- [Problem description]:
Look through the entries below for the line that contains "world=origin(), true_north=direction((0.0, 1.0)))", then set down that line and each one after it exactly, through the last.
BEGIN Input data
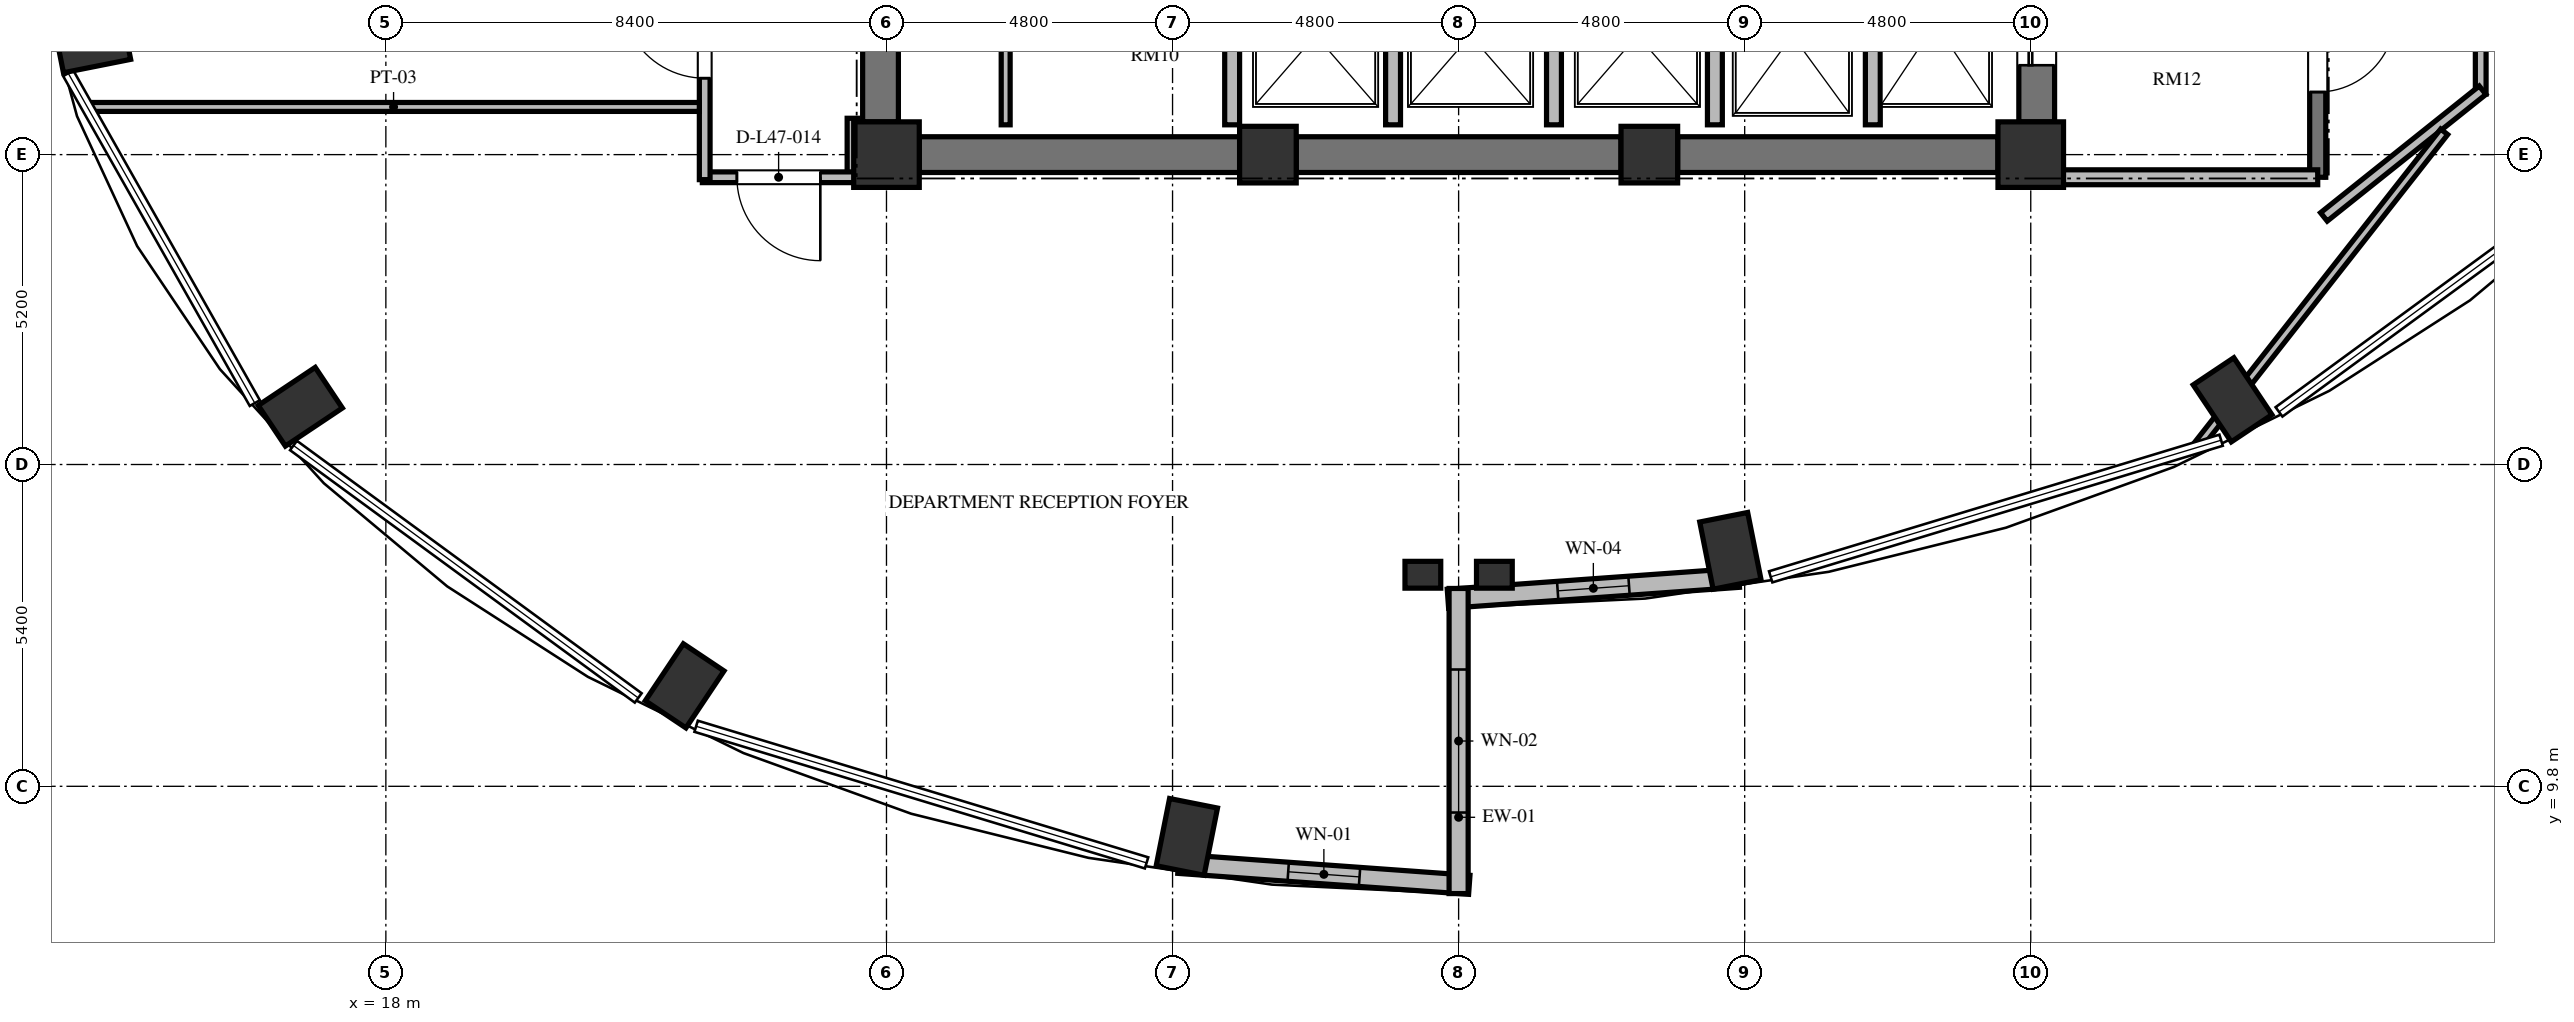
"""IFC4 building model, lengths in metres.
Left out: names, types, materials, properties, quantities, classifications, styles, units other than length and angle.
Written with IfcOpenShell. Run it as: python <this file> out.ifc"""

import sys

from ifc_helpers import new_model, si_unit, direction, frame, frame_2d, origin, origin_2d, place, context, subcontext, project, spatial, rectangle, extrude, element, fill, save


model = new_model("IFC4")
c1 = context("Model", 3, precision=1e-05, world=origin(), true_north=direction((0.0, 1.0)))
c2 = subcontext(c1, "Body", "Model", "MODEL_VIEW")
j1 = project(units=[si_unit("LENGTHUNIT", "METRE"), si_unit("PLANEANGLEUNIT", "RADIAN")], contexts=[c1])
p1 = place(None, origin())
s1 = spatial("IfcSite", under=j1, at=p1, CompositionType="ELEMENT")
p2 = place(p1, origin())
s2 = spatial("IfcBuilding", under=s1, at=p2, CompositionType="ELEMENT")
p3 = place(p2, frame((0.0, 0.0, 182.064)))
s3 = spatial("IfcBuildingStorey", under=s2, at=p3, CompositionType="ELEMENT", Elevation=182.064)
for number, where, z_axis, x_axis in (
    (1, (40.56, 13.751, 0.0), (0.0, 0.0, 1.0), (0.195, -0.981, 0.0)),
    (2, (48.987, 16.286, 0.0), (0.0, 0.0, 1.0), (0.556, -0.831, 0.0)),
    (3, (13.074, 22.288, 0.0), (0.0, 0.0, 1.0), (-0.981, -0.195, 0.0)),
    (4, (16.564, 16.169, 0.0), (0.0, 0.0, 1.0), (-0.831, -0.556, 0.0)),
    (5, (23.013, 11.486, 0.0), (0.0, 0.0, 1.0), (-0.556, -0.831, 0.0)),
END Input data
- [Answer box]:
c1 = context("Model", 3, precision=1e-05, world=origin(), true_north=direction((0.0, 1.0)))
c2 = subcontext(c1, "Body", "Model", "MODEL_VIEW")
j1 = project(units=[si_unit("LENGTHUNIT", "METRE"), si_unit("PLANEANGLEUNIT", "RADIAN")], contexts=[c1])
p1 = place(None, origin())
s1 = spatial("IfcSite", under=j1, at=p1, CompositionType="ELEMENT")
p2 = place(p1, origin())
s2 = spatial("IfcBuilding", under=s1, at=p2, CompositionType="ELEMENT")
p3 = place(p2, frame((0.0, 0.0, 182.064)))
s3 = spatial("IfcBuildingStorey", under=s2, at=p3, CompositionType="ELEMENT", Elevation=182.064)
for number, where, z_axis, x_axis in (
    (1, (40.56, 13.751, 0.0), (0.0, 0.0, 1.0), (0.195, -0.981, 0.0)),
    (2, (48.987, 16.286, 0.0), (0.0, 0.0, 1.0), (0.556, -0.831, 0.0)),
    (3, (13.074, 22.288, 0.0), (0.0, 0.0, 1.0), (-0.981, -0.195, 0.0)),
    (4, (16.564, 16.169, 0.0), (0.0, 0.0, 1.0), (-0.831, -0.556, 0.0)),
    (5, (23.013, 11.486, 0.0), (0.0, 0.0, 1.0), (-0.556, -0.831, 0.0)),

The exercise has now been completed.